* **Task to complete**: Scan the data below. Pull out each line where "units" occurs.

Exercise data START

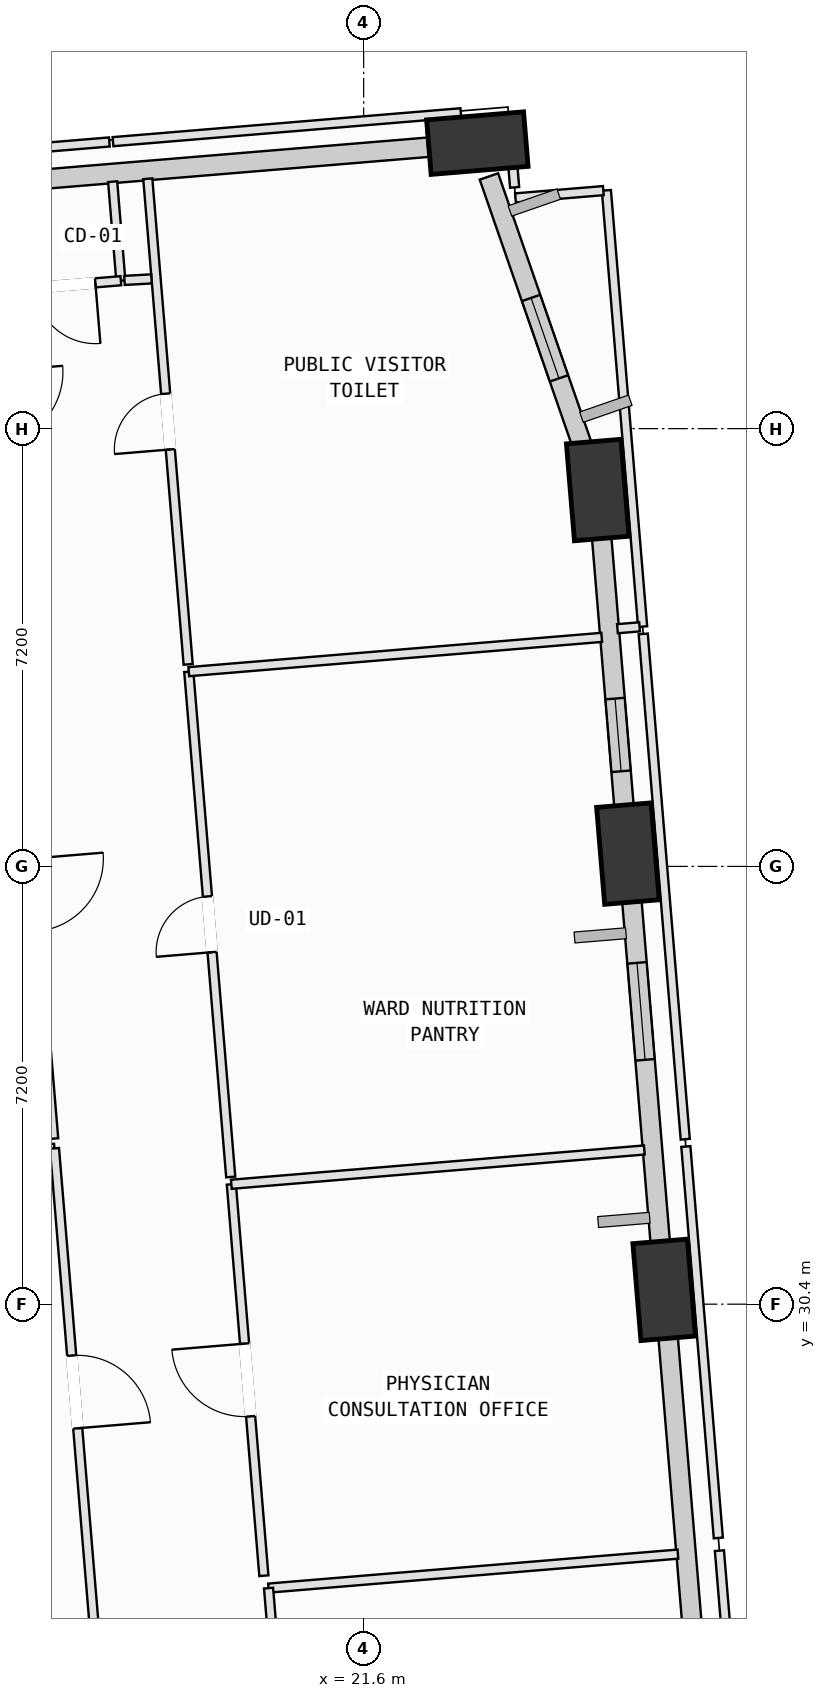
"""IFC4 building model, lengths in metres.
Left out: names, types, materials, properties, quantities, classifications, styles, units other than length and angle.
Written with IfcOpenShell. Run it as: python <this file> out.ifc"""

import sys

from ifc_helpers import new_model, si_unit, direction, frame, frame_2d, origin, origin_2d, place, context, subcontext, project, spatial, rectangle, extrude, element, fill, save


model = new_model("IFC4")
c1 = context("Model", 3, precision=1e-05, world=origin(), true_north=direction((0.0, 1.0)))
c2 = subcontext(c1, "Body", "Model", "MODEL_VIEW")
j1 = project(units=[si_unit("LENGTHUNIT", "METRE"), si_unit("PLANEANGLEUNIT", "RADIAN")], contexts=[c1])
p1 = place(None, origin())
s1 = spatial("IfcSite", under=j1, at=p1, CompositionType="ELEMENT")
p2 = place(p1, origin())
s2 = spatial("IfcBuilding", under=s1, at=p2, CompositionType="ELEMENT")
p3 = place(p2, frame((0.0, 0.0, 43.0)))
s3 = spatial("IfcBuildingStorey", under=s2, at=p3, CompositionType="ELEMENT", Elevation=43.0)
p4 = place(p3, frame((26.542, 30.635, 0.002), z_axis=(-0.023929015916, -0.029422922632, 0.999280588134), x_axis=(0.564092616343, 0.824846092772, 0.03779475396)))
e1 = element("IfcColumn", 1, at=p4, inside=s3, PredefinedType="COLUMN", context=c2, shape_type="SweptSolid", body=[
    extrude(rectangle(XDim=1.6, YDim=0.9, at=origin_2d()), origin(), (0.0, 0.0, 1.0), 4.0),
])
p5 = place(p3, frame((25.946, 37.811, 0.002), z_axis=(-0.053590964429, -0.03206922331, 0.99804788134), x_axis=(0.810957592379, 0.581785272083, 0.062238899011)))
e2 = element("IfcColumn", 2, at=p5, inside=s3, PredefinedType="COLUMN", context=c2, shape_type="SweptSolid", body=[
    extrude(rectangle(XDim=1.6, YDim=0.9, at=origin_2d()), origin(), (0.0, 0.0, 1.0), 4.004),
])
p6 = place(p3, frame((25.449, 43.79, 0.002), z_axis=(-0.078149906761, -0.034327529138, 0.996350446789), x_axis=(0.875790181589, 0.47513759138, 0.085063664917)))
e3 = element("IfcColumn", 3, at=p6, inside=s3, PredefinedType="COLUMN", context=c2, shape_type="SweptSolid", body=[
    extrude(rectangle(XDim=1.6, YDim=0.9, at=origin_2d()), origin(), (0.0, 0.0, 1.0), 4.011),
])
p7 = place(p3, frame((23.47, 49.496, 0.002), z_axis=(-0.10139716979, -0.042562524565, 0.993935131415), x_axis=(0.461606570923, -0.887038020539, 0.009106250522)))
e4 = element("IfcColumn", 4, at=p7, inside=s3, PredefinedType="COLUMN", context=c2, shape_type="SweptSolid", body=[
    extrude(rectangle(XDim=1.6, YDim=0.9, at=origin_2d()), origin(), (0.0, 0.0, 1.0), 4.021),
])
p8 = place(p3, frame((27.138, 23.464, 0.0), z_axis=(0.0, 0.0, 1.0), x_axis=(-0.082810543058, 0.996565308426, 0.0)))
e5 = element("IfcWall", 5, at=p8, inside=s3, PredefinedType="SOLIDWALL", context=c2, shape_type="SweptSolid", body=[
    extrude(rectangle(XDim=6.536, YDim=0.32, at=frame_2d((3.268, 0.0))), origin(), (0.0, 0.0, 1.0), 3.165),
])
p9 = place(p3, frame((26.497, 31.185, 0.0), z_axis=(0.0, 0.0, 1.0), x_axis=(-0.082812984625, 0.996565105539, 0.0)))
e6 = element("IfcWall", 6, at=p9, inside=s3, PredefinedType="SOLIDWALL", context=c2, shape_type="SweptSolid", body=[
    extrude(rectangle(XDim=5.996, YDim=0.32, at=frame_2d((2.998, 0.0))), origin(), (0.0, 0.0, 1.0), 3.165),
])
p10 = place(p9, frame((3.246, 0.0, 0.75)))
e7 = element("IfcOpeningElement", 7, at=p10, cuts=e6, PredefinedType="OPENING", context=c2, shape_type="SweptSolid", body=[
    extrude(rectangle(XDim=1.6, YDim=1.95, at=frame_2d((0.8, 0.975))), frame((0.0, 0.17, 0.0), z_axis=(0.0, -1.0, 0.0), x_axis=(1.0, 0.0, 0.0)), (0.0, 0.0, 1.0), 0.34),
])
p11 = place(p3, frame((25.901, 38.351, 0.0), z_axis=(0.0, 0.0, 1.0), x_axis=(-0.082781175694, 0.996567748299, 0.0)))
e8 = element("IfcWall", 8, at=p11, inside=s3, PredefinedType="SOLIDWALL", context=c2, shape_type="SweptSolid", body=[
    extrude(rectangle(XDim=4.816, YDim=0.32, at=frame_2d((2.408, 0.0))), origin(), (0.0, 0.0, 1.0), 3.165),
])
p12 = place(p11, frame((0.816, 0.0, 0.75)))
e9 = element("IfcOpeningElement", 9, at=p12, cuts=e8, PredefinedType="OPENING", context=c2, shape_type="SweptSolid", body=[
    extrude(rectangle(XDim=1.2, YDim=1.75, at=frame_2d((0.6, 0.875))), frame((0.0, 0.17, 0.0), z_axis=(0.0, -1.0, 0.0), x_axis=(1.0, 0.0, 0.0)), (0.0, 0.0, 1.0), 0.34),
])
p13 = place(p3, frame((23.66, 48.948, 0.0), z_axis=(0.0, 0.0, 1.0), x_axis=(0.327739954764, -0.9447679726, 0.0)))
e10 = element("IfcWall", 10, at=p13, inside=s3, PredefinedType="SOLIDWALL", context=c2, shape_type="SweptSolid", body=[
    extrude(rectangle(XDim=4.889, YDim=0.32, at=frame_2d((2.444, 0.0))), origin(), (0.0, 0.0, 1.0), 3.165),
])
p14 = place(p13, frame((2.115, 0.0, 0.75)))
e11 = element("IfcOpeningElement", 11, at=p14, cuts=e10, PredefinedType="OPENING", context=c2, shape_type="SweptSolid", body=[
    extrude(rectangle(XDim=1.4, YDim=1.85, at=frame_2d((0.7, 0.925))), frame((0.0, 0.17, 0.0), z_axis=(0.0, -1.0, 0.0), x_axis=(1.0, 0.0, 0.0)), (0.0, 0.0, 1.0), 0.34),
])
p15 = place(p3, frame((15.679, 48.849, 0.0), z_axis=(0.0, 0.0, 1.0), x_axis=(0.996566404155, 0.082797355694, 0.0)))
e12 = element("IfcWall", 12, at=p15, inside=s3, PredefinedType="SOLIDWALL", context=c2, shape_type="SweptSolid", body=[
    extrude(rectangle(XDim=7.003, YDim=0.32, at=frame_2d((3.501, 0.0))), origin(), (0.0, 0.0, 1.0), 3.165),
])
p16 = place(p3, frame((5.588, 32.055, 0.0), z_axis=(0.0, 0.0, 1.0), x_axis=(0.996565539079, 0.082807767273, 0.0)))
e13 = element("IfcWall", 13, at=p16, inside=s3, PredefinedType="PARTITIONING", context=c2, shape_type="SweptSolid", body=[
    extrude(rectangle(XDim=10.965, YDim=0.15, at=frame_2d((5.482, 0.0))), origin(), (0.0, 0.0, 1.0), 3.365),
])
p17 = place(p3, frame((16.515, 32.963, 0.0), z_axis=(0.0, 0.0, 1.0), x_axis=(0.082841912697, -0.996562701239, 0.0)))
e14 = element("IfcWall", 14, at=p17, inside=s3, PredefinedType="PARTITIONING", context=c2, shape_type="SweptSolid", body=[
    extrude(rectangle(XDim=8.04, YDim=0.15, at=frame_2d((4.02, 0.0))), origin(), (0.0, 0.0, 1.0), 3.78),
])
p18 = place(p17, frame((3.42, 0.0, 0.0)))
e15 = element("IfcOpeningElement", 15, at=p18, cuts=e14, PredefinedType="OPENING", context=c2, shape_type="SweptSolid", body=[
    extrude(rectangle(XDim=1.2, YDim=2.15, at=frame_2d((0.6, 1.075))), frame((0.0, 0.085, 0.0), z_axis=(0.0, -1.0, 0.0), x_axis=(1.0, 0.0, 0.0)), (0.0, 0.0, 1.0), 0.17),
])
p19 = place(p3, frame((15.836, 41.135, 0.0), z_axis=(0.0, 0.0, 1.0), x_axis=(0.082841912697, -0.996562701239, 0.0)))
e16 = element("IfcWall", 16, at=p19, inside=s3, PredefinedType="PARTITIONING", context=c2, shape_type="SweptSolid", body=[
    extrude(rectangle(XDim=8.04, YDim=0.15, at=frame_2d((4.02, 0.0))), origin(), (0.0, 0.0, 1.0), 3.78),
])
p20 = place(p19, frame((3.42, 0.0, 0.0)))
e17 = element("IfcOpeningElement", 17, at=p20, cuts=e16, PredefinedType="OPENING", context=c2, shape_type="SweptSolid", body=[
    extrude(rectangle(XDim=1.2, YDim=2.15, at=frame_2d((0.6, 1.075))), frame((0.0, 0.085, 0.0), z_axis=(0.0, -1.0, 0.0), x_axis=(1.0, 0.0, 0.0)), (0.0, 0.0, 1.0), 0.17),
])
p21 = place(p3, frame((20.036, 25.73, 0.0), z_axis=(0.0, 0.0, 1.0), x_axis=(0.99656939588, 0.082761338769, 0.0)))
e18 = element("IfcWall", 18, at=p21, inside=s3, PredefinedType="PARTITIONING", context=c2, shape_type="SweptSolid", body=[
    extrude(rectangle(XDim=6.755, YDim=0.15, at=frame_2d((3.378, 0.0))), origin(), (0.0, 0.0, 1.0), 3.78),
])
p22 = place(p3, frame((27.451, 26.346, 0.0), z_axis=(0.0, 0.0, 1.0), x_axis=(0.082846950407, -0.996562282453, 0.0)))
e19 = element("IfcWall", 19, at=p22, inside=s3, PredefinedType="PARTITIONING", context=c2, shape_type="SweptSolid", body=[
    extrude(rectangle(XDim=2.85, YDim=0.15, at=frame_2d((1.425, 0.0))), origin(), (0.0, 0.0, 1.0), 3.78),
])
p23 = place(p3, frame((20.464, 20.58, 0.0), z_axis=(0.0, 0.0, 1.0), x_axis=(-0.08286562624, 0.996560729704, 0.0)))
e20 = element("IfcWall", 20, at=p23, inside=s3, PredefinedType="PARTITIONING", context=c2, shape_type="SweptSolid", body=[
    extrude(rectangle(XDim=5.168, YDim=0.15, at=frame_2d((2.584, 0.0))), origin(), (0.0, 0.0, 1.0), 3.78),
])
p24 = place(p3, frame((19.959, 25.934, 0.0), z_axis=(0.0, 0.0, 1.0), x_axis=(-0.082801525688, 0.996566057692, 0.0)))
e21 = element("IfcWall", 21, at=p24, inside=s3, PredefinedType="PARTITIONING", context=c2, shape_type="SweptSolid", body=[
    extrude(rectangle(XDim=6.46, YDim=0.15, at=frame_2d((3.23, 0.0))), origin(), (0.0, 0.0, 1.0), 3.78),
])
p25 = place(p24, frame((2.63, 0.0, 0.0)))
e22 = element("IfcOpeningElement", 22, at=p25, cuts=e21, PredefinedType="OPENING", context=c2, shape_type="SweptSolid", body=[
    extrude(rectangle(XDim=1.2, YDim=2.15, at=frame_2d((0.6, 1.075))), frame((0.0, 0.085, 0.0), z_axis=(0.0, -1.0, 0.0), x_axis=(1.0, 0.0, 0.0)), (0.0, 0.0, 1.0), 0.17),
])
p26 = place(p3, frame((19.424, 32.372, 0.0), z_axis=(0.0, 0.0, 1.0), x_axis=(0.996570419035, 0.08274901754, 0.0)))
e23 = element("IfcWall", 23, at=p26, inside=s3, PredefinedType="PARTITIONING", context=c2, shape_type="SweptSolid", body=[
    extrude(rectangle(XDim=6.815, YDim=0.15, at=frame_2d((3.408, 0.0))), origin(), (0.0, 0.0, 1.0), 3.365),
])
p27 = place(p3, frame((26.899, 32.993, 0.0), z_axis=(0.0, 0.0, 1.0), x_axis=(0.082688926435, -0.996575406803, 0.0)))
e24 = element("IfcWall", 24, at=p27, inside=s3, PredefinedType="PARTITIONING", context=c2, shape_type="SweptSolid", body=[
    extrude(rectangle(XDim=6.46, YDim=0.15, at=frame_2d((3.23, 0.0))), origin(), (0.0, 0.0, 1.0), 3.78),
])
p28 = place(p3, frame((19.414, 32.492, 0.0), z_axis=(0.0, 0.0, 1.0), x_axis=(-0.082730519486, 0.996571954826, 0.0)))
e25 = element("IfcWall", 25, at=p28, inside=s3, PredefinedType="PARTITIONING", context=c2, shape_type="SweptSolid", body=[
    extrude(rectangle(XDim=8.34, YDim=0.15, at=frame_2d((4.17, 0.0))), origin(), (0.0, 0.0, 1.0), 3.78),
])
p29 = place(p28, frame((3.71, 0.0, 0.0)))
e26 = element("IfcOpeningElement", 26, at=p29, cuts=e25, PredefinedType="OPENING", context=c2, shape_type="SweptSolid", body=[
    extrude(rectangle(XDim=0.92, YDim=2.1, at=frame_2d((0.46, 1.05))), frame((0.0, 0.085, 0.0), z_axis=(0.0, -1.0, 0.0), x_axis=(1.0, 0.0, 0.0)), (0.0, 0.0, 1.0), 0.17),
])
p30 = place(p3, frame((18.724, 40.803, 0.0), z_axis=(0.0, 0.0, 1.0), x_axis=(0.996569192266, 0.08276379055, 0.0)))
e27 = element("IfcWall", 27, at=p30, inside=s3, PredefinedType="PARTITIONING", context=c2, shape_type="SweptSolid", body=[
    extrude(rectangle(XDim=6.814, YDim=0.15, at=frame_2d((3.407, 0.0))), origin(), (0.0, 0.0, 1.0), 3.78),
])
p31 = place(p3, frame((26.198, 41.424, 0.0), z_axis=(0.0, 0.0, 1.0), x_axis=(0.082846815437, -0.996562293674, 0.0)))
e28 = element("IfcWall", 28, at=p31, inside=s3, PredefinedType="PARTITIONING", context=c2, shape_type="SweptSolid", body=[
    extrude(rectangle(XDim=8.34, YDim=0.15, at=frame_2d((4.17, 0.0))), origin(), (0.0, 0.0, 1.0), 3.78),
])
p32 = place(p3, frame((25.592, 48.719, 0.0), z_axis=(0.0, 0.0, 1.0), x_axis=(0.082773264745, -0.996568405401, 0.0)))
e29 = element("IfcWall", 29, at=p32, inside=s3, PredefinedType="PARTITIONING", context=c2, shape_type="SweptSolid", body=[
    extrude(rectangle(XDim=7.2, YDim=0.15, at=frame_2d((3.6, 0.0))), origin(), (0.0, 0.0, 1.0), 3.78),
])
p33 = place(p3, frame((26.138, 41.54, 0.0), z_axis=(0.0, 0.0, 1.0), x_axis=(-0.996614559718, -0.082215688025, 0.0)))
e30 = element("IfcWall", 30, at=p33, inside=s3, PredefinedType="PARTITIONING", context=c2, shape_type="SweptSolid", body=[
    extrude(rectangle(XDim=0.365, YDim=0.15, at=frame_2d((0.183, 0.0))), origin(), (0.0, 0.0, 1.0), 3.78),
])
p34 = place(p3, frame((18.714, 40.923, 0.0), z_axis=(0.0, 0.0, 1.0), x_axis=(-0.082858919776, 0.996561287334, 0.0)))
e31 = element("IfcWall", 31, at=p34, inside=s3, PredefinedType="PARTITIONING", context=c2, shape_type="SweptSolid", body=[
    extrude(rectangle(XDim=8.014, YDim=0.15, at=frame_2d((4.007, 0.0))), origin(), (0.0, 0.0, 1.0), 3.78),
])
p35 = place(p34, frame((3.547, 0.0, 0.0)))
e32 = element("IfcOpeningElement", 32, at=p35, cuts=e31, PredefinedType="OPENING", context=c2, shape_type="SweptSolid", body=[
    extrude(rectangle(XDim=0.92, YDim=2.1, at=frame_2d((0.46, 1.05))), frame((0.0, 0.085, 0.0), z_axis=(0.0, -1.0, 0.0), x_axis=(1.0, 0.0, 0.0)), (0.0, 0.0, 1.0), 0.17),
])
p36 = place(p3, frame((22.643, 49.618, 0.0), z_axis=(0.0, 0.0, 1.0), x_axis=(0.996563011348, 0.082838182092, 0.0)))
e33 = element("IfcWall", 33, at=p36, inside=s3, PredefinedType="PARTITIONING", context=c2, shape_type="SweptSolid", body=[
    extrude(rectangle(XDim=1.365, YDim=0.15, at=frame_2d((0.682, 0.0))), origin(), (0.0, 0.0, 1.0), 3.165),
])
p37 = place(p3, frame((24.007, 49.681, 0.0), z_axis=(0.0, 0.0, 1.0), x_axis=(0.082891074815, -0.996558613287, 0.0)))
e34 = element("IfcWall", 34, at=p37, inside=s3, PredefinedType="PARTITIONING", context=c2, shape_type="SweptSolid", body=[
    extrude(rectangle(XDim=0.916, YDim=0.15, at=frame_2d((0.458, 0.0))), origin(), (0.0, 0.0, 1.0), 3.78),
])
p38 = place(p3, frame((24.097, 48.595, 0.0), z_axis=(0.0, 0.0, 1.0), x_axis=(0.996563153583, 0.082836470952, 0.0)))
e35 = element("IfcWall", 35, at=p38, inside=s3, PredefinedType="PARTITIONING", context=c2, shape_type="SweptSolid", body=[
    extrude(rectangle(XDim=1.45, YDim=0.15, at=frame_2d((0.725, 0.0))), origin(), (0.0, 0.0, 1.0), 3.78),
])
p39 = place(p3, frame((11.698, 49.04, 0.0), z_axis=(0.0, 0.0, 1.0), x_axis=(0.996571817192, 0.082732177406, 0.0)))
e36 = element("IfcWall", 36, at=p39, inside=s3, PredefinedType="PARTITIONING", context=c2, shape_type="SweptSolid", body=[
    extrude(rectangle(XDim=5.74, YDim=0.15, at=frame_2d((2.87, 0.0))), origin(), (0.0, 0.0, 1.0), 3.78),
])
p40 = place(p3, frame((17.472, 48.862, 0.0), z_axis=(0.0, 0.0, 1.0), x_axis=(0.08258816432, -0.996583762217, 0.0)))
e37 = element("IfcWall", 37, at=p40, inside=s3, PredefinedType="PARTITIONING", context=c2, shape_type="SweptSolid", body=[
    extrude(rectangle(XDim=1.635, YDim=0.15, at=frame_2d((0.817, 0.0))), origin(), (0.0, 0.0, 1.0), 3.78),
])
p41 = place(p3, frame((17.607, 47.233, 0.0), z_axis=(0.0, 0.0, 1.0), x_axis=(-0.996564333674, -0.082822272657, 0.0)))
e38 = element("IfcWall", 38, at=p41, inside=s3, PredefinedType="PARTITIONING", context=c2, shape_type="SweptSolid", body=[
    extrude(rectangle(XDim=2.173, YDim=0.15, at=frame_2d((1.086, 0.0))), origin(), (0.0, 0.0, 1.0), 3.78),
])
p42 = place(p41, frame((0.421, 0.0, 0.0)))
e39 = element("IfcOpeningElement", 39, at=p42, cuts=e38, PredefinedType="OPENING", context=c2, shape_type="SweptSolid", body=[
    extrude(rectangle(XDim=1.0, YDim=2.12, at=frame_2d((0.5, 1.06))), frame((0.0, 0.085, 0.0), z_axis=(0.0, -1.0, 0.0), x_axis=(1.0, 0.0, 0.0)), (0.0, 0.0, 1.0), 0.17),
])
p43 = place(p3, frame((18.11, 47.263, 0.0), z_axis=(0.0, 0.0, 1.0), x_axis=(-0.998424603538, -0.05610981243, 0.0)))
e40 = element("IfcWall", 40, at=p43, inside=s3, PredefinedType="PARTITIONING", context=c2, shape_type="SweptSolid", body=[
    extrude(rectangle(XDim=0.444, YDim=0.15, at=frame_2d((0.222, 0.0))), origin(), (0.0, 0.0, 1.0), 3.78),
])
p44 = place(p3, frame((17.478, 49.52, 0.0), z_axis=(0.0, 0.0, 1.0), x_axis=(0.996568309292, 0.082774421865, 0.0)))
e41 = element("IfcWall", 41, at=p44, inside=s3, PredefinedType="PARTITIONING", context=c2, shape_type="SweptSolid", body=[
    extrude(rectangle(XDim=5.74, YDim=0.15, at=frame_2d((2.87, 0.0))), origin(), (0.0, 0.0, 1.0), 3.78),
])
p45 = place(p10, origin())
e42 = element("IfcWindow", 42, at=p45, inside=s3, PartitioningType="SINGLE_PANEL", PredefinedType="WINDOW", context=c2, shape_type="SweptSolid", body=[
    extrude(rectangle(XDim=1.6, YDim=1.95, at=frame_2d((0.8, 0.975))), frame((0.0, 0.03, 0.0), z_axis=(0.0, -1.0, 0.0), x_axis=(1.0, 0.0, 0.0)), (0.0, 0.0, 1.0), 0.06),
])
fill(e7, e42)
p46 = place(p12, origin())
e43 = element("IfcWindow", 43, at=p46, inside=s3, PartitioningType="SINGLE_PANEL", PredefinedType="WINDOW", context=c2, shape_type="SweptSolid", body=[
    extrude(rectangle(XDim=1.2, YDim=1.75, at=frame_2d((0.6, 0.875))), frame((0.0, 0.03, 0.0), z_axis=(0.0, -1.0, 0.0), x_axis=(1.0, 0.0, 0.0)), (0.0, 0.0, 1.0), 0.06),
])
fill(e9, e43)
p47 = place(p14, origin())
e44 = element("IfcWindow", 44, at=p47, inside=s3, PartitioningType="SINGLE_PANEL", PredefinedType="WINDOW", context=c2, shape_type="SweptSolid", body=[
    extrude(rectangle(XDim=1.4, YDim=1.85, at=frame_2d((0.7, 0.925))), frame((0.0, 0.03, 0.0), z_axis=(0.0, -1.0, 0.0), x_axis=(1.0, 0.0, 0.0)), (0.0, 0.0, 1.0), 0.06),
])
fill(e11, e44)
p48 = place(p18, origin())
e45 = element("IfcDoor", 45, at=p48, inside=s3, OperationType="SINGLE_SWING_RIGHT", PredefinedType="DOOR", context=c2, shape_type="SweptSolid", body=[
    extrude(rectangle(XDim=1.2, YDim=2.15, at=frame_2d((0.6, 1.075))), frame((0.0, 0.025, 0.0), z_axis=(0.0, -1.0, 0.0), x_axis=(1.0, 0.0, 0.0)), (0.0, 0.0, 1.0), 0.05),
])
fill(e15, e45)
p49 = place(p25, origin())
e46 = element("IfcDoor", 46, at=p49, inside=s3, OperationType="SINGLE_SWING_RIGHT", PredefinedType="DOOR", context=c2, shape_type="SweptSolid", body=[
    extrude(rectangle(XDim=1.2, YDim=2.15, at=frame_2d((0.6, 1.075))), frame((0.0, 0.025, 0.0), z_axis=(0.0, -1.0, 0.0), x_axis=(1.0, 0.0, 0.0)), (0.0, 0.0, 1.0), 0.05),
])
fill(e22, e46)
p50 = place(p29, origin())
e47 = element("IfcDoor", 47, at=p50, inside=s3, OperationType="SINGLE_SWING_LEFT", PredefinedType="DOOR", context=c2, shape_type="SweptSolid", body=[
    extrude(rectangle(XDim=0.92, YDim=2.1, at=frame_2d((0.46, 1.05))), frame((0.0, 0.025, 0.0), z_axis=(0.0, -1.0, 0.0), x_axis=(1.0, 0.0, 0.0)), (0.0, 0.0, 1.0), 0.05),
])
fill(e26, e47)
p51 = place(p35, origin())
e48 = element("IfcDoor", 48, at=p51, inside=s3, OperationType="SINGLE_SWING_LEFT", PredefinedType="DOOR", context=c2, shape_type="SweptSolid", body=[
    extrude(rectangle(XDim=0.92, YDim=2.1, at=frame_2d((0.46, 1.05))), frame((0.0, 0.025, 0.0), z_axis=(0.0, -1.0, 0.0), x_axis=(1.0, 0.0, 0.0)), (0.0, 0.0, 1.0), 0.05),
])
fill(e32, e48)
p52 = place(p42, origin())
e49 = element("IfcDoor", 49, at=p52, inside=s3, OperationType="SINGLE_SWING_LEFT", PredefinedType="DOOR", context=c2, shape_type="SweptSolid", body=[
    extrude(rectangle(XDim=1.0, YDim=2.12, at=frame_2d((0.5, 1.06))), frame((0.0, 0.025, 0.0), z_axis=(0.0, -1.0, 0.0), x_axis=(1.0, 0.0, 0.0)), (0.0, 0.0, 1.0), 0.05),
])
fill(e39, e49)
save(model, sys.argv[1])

Exercise data END

* **Response area**:
Left out: names, types, materials, properties, quantities, classifications, styles, units other than length and angle.
j1 = project(units=[si_unit("LENGTHUNIT", "METRE"), si_unit("PLANEANGLEUNIT", "RADIAN")], contexts=[c1])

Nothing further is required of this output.